Work instruction | What you return should be the line containing "#213=FACE_OUTER_BOUND('',#212,.T.);" and each line after it to the end of the records, copied exactly.

[Items from a data source]

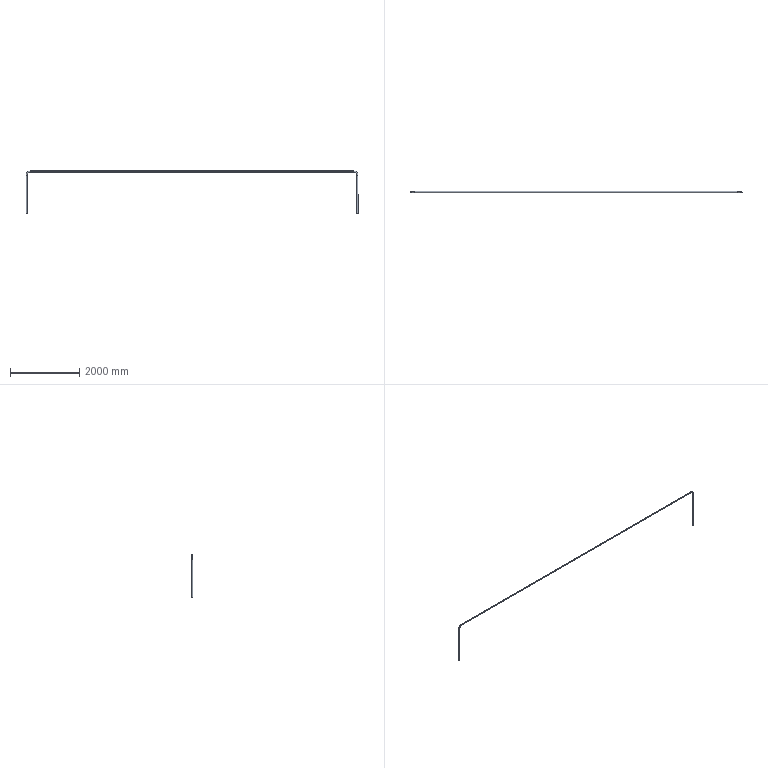Component | SolidWorks | PlatformGuardrail1-1 | 1 solid | 22 faces | box 9603.5 x 33.5 x 1216.75 mm | volume 3416170 mm3 | cylinder 12 | torus 8 | plane 2 | commonest cylinder face diameters 27.5 x6 33.5 x6 | material Plain Carbon Steel
build123d program:
from build123d import *

# Parameters (mm, degrees)
SWEEP_THIN1_PROFILE_R   = 16.75
SWEEP_THIN1_PROFILE_R_2 = 13.75


with BuildPart() as part:
    # Sweep-Thin1: sweep along a path in Sketch1
    with BuildLine(Plane(origin=(0, 0, 0), x_dir=(0, 0, -1), z_dir=(1, 0, 0))) as sweep_thin1_path:
        Line((0, 0), (0, 1100))
        ThreePointArc((0, 1100), (29.289, 1170.711), (100, 1200))
        Line((100, 1200), (9470, 1200))
        ThreePointArc((9470, 1200), (9540.711, 1170.711), (9570, 1100))
        Line((9570, 1100), (9570, 0))
    # Sweep-Thin1 profile (on start of the path) → Sweep-Thin1 (sweep)
    with BuildSketch(Plane.ZX):
        Circle(SWEEP_THIN1_PROFILE_R)
        Circle(SWEEP_THIN1_PROFILE_R_2, mode=Mode.SUBTRACT)
    sweep(path=sweep_thin1_path.line)


solid = part.part

# Placed as in the assembly
solid = solid.moved(Location((-3322.199, -581.927, 5590.973), (90, -90, 0)))
STEP:
#1=COLOUR_RGB('',0.7922,0.8196,0.9333);
#2=FILL_AREA_STYLE_COLOUR('',#1);
#3=FILL_AREA_STYLE('',(#2));
#4=SURFACE_STYLE_FILL_AREA(#3);
#5=SURFACE_SIDE_STYLE('',(#4));
#6=SURFACE_STYLE_USAGE(.BOTH.,#5);
#7=PRESENTATION_STYLE_ASSIGNMENT((#6));
#8=CARTESIAN_POINT('',(-126.858,-22.369,267.361));
#9=VERTEX_POINT('',#8);
#10=CARTESIAN_POINT('',(-126.858,-22.911,267.902));
#11=VERTEX_POINT('',#10);
#12=CARTESIAN_POINT('',(-126.858,-22.911,267.361));
#13=DIRECTION('',(1.,-0.,0.));
#14=DIRECTION('',(0.,-1.,0.));
#15=AXIS2_PLACEMENT_3D('',#12,#13,#14);
#16=CIRCLE('',#15,0.5413);
#17=EDGE_CURVE('',#9,#11,#16,.T.);
#18=ORIENTED_EDGE('',*,*,#17,.T.);
#19=CARTESIAN_POINT('',(-131.337,-22.911,263.424));
#20=VERTEX_POINT('',#19);
#21=CARTESIAN_POINT('',(-126.858,-22.911,263.424));
#22=DIRECTION('',(-0.,-1.,-0.));
#23=DIRECTION('',(0.,0.,-1.));
#24=AXIS2_PLACEMENT_3D('',#21,#22,#23);
#25=CIRCLE('',#24,4.478);
#26=EDGE_CURVE('',#11,#20,#25,.T.);
#27=ORIENTED_EDGE('',*,*,#26,.T.);
#28=CARTESIAN_POINT('',(-130.254,-22.911,263.424));
#29=VERTEX_POINT('',#28);
#30=CARTESIAN_POINT('',(-130.795,-22.911,263.424));
#31=DIRECTION('',(-0.,-0.,1.));
#32=DIRECTION('',(1.,0.,0.));
#33=AXIS2_PLACEMENT_3D('',#30,#31,#32);
#34=CIRCLE('',#33,0.5413);
#35=EDGE_CURVE('',#29,#20,#34,.T.);
#36=ORIENTED_EDGE('',*,*,#35,.F.);
#37=CARTESIAN_POINT('',(-126.858,-22.911,266.82));
#38=VERTEX_POINT('',#37);
#39=CARTESIAN_POINT('',(-126.858,-22.911,263.424));
#40=DIRECTION('',(-0.,-1.,-0.));
#41=DIRECTION('',(0.,0.,-1.));
#42=AXIS2_PLACEMENT_3D('',#39,#40,#41);
#43=CIRCLE('',#42,3.396);
#44=EDGE_CURVE('',#38,#29,#43,.T.);
#45=ORIENTED_EDGE('',*,*,#44,.F.);
#46=CARTESIAN_POINT('',(-126.858,-22.911,267.361));
#47=DIRECTION('',(1.,-0.,0.));
#48=DIRECTION('',(0.,-1.,0.));
#49=AXIS2_PLACEMENT_3D('',#46,#47,#48);
#50=CIRCLE('',#49,0.5413);
#51=EDGE_CURVE('',#38,#9,#50,.T.);
#52=ORIENTED_EDGE('',*,*,#51,.T.);
#53=EDGE_LOOP('',(#18,#27,#36,#45,#52));
#54=FACE_OUTER_BOUND('',#53,.T.);
#55=CARTESIAN_POINT('',(-126.858,-22.911,263.424));
#56=DIRECTION('',(-0.,-1.,-0.));
#57=DIRECTION('',(1.,-0.,-0.));
#58=AXIS2_PLACEMENT_3D('',#55,#56,#57);
#59=TOROIDAL_SURFACE('',#58,3.937,0.5413);
#60=ADVANCED_FACE('',(#54),#59,.F.);
#61=CARTESIAN_POINT('',(245.435,-22.911,263.424));
#62=VERTEX_POINT('',#61);
#63=CARTESIAN_POINT('',(246.518,-22.911,263.424));
#64=VERTEX_POINT('',#63);
#65=CARTESIAN_POINT('',(245.976,-22.911,263.424));
#66=DIRECTION('',(0.,0.,-1.));
#67=DIRECTION('',(1.,0.,0.));
#68=AXIS2_PLACEMENT_3D('',#65,#66,#67);
#69=CIRCLE('',#68,0.5413);
#70=EDGE_CURVE('',#62,#64,#69,.T.);
#71=ORIENTED_EDGE('',*,*,#70,.T.);
#72=CARTESIAN_POINT('',(242.039,-22.911,267.902));
#73=VERTEX_POINT('',#72);
#74=CARTESIAN_POINT('',(242.039,-22.911,263.424));
#75=DIRECTION('',(-0.,-1.,-0.));
#76=DIRECTION('',(0.,0.,-1.));
#77=AXIS2_PLACEMENT_3D('',#74,#75,#76);
#78=CIRCLE('',#77,4.478);
#79=EDGE_CURVE('',#64,#73,#78,.T.);
#80=ORIENTED_EDGE('',*,*,#79,.T.);
#81=CARTESIAN_POINT('',(242.039,-22.369,267.361));
#82=VERTEX_POINT('',#81);
#83=CARTESIAN_POINT('',(242.039,-22.911,267.361));
#84=DIRECTION('',(1.,-0.,0.));
#85=DIRECTION('',(0.,0.,-1.));
#86=AXIS2_PLACEMENT_3D('',#83,#84,#85);
#87=CIRCLE('',#86,0.5413);
#88=EDGE_CURVE('',#82,#73,#87,.T.);
#89=ORIENTED_EDGE('',*,*,#88,.F.);
#90=CARTESIAN_POINT('',(242.039,-22.911,266.82));
#91=VERTEX_POINT('',#90);
#92=CARTESIAN_POINT('',(242.039,-22.911,267.361));
#93=DIRECTION('',(1.,-0.,0.));
#94=DIRECTION('',(0.,0.,-1.));
#95=AXIS2_PLACEMENT_3D('',#92,#93,#94);
#96=CIRCLE('',#95,0.5413);
#97=EDGE_CURVE('',#91,#82,#96,.T.);
#98=ORIENTED_EDGE('',*,*,#97,.F.);
#99=CARTESIAN_POINT('',(242.039,-22.911,263.424));
#100=DIRECTION('',(-0.,-1.,-0.));
#101=DIRECTION('',(0.,0.,-1.));
#102=AXIS2_PLACEMENT_3D('',#99,#100,#101);
#103=CIRCLE('',#102,3.396);
#104=EDGE_CURVE('',#62,#91,#103,.T.);
#105=ORIENTED_EDGE('',*,*,#104,.F.);
#106=EDGE_LOOP('',(#71,#80,#89,#98,#105));
#107=FACE_OUTER_BOUND('',#106,.T.);
#108=CARTESIAN_POINT('',(242.039,-22.911,263.424));
#109=DIRECTION('',(-0.,-1.,-0.));
#110=DIRECTION('',(1.,-0.,-0.));
#111=AXIS2_PLACEMENT_3D('',#108,#109,#110);
#112=TOROIDAL_SURFACE('',#111,3.937,0.5413);
#113=ADVANCED_FACE('',(#107),#112,.F.);
#114=CARTESIAN_POINT('',(-126.858,-22.911,268.021));
#115=VERTEX_POINT('',#114);
#116=CARTESIAN_POINT('',(-126.858,-23.57,267.361));
#117=VERTEX_POINT('',#116);
#118=CARTESIAN_POINT('',(-126.858,-22.911,267.361));
#119=DIRECTION('',(1.,-0.,0.));
#120=DIRECTION('',(0.,0.,-1.));
#121=AXIS2_PLACEMENT_3D('',#118,#119,#120);
#122=CIRCLE('',#121,0.6594);
#123=EDGE_CURVE('',#115,#117,#122,.T.);
#124=ORIENTED_EDGE('',*,*,#123,.F.);
#125=CARTESIAN_POINT('',(-131.455,-22.911,263.424));
#126=VERTEX_POINT('',#125);
#127=CARTESIAN_POINT('',(-126.858,-22.911,263.424));
#128=DIRECTION('',(-0.,-1.,-0.));
#129=DIRECTION('',(0.,0.,-1.));
#130=AXIS2_PLACEMENT_3D('',#127,#128,#129);
#131=CIRCLE('',#130,4.596);
#132=EDGE_CURVE('',#115,#126,#131,.T.);
#133=ORIENTED_EDGE('',*,*,#132,.T.);
#134=CARTESIAN_POINT('',(-130.136,-22.911,263.424));
#135=VERTEX_POINT('',#134);
#136=CARTESIAN_POINT('',(-130.795,-22.911,263.424));
#137=DIRECTION('',(-0.,-0.,1.));
#138=DIRECTION('',(1.,0.,0.));
#139=AXIS2_PLACEMENT_3D('',#136,#137,#138);
#140=CIRCLE('',#139,0.6594);
#141=EDGE_CURVE('',#126,#135,#140,.T.);
#142=ORIENTED_EDGE('',*,*,#141,.T.);
#143=CARTESIAN_POINT('',(-126.858,-22.911,266.702));
#144=VERTEX_POINT('',#143);
#145=CARTESIAN_POINT('',(-126.858,-22.911,263.424));
#146=DIRECTION('',(-0.,-1.,-0.));
#147=DIRECTION('',(0.,0.,-1.));
#148=AXIS2_PLACEMENT_3D('',#145,#146,#147);
#149=CIRCLE('',#148,3.278);
#150=EDGE_CURVE('',#144,#135,#149,.T.);
#151=ORIENTED_EDGE('',*,*,#150,.F.);
#152=CARTESIAN_POINT('',(-126.858,-22.911,267.361));
#153=DIRECTION('',(1.,-0.,0.));
#154=DIRECTION('',(0.,0.,-1.));
#155=AXIS2_PLACEMENT_3D('',#152,#153,#154);
#156=CIRCLE('',#155,0.6594);
#157=EDGE_CURVE('',#117,#144,#156,.T.);
#158=ORIENTED_EDGE('',*,*,#157,.F.);
#159=EDGE_LOOP('',(#124,#133,#142,#151,#158));
#160=FACE_OUTER_BOUND('',#159,.T.);
#161=CARTESIAN_POINT('',(-126.858,-22.911,263.424));
#162=DIRECTION('',(-0.,-1.,-0.));
#163=DIRECTION('',(1.,-0.,-0.));
#164=AXIS2_PLACEMENT_3D('',#161,#162,#163);
#165=TOROIDAL_SURFACE('',#164,3.937,0.6594);
#166=ADVANCED_FACE('',(#160),#165,.T.);
#167=CARTESIAN_POINT('',(246.636,-22.911,263.424));
#168=VERTEX_POINT('',#167);
#169=CARTESIAN_POINT('',(245.317,-22.911,263.424));
#170=VERTEX_POINT('',#169);
#171=CARTESIAN_POINT('',(245.976,-22.911,263.424));
#172=DIRECTION('',(0.,0.,-1.));
#173=DIRECTION('',(-1.,0.,0.));
#174=AXIS2_PLACEMENT_3D('',#171,#172,#173);
#175=CIRCLE('',#174,0.6594);
#176=EDGE_CURVE('',#168,#170,#175,.T.);
#177=ORIENTED_EDGE('',*,*,#176,.F.);
#178=CARTESIAN_POINT('',(242.039,-22.911,268.021));
#179=VERTEX_POINT('',#178);
#180=CARTESIAN_POINT('',(242.039,-22.911,263.424));
#181=DIRECTION('',(-0.,-1.,-0.));
#182=DIRECTION('',(0.,0.,-1.));
#183=AXIS2_PLACEMENT_3D('',#180,#181,#182);
#184=CIRCLE('',#183,4.596);
#185=EDGE_CURVE('',#168,#179,#184,.T.);
#186=ORIENTED_EDGE('',*,*,#185,.T.);
#187=CARTESIAN_POINT('',(242.039,-23.57,267.361));
#188=VERTEX_POINT('',#187);
#189=CARTESIAN_POINT('',(242.039,-22.911,267.361));
#190=DIRECTION('',(1.,-0.,0.));
#191=DIRECTION('',(0.,0.,-1.));
#192=AXIS2_PLACEMENT_3D('',#189,#190,#191);
#193=CIRCLE('',#192,0.6594);
#194=EDGE_CURVE('',#179,#188,#193,.T.);
#195=ORIENTED_EDGE('',*,*,#194,.T.);
#196=CARTESIAN_POINT('',(242.039,-22.911,266.702));
#197=VERTEX_POINT('',#196);
#198=CARTESIAN_POINT('',(242.039,-22.911,267.361));
#199=DIRECTION('',(1.,-0.,0.));
#200=DIRECTION('',(0.,0.,-1.));
#201=AXIS2_PLACEMENT_3D('',#198,#199,#200);
#202=CIRCLE('',#201,0.6594);
#203=EDGE_CURVE('',#188,#197,#202,.T.);
#204=ORIENTED_EDGE('',*,*,#203,.T.);
#205=CARTESIAN_POINT('',(242.039,-22.911,263.424));
#206=DIRECTION('',(-0.,-1.,-0.));
#207=DIRECTION('',(0.,0.,-1.));
#208=AXIS2_PLACEMENT_3D('',#205,#206,#207);
#209=CIRCLE('',#208,3.278);
#210=EDGE_CURVE('',#170,#197,#209,.T.);
#211=ORIENTED_EDGE('',*,*,#210,.F.);
#212=EDGE_LOOP('',(#177,#186,#195,#204,#211));
#213=FACE_OUTER_BOUND('',#212,.T.);
#214=CARTESIAN_POINT('',(242.039,-22.911,263.424));
#215=DIRECTION('',(-0.,-1.,-0.));
#216=DIRECTION('',(1.,-0.,-0.));
#217=AXIS2_PLACEMENT_3D('',#214,#215,#216);
#218=TOROIDAL_SURFACE('',#217,3.937,0.6594);
#219=ADVANCED_FACE('',(#213),#218,.T.);
#220=CARTESIAN_POINT('',(-130.795,-22.911,263.424));
#221=DIRECTION('',(-0.,-0.,1.));
#222=DIRECTION('',(1.,0.,0.));
#223=AXIS2_PLACEMENT_3D('',#220,#221,#222);
#224=CIRCLE('',#223,0.5413);
#225=EDGE_CURVE('',#20,#29,#224,.T.);
#226=ORIENTED_EDGE('',*,*,#225,.T.);
#227=CARTESIAN_POINT('',(-130.254,-22.911,220.117));
#228=VERTEX_POINT('',#227);
#229=CARTESIAN_POINT('',(-130.254,-22.911,263.424));
#230=DIRECTION('',(0.,0.,-1.));
#231=VECTOR('',#230,39.37);
#232=LINE('',#229,#231);
#233=EDGE_CURVE('',#29,#228,#232,.T.);
#234=ORIENTED_EDGE('',*,*,#233,.T.);
#235=CARTESIAN_POINT('',(-131.337,-22.911,220.117));
#236=VERTEX_POINT('',#235);
#237=CARTESIAN_POINT('',(-130.795,-22.911,220.117));
#238=DIRECTION('',(-0.,-0.,1.));
#239=DIRECTION('',(1.,0.,0.));
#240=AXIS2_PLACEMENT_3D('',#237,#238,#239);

Response area |
#213=FACE_OUTER_BOUND('',#212,.T.);
#214=CARTESIAN_POINT('',(242.039,-22.911,263.424));
#215=DIRECTION('',(-0.,-1.,-0.));
#216=DIRECTION('',(1.,-0.,-0.));
#217=AXIS2_PLACEMENT_3D('',#214,#215,#216);
#218=TOROIDAL_SURFACE('',#217,3.937,0.6594);
#219=ADVANCED_FACE('',(#213),#218,.T.);
#220=CARTESIAN_POINT('',(-130.795,-22.911,263.424));
#221=DIRECTION('',(-0.,-0.,1.));
#222=DIRECTION('',(1.,0.,0.));
#223=AXIS2_PLACEMENT_3D('',#220,#221,#222);
#224=CIRCLE('',#223,0.5413);
#225=EDGE_CURVE('',#20,#29,#224,.T.);
#226=ORIENTED_EDGE('',*,*,#225,.T.);
#227=CARTESIAN_POINT('',(-130.254,-22.911,220.117));
#228=VERTEX_POINT('',#227);
#229=CARTESIAN_POINT('',(-130.254,-22.911,263.424));
#230=DIRECTION('',(0.,0.,-1.));
#231=VECTOR('',#230,39.37);
#232=LINE('',#229,#231);
#233=EDGE_CURVE('',#29,#228,#232,.T.);
#234=ORIENTED_EDGE('',*,*,#233,.T.);
#235=CARTESIAN_POINT('',(-131.337,-22.911,220.117));
#236=VERTEX_POINT('',#235);
#237=CARTESIAN_POINT('',(-130.795,-22.911,220.117));
#238=DIRECTION('',(-0.,-0.,1.));
#239=DIRECTION('',(1.,0.,0.));
#240=AXIS2_PLACEMENT_3D('',#237,#238,#239);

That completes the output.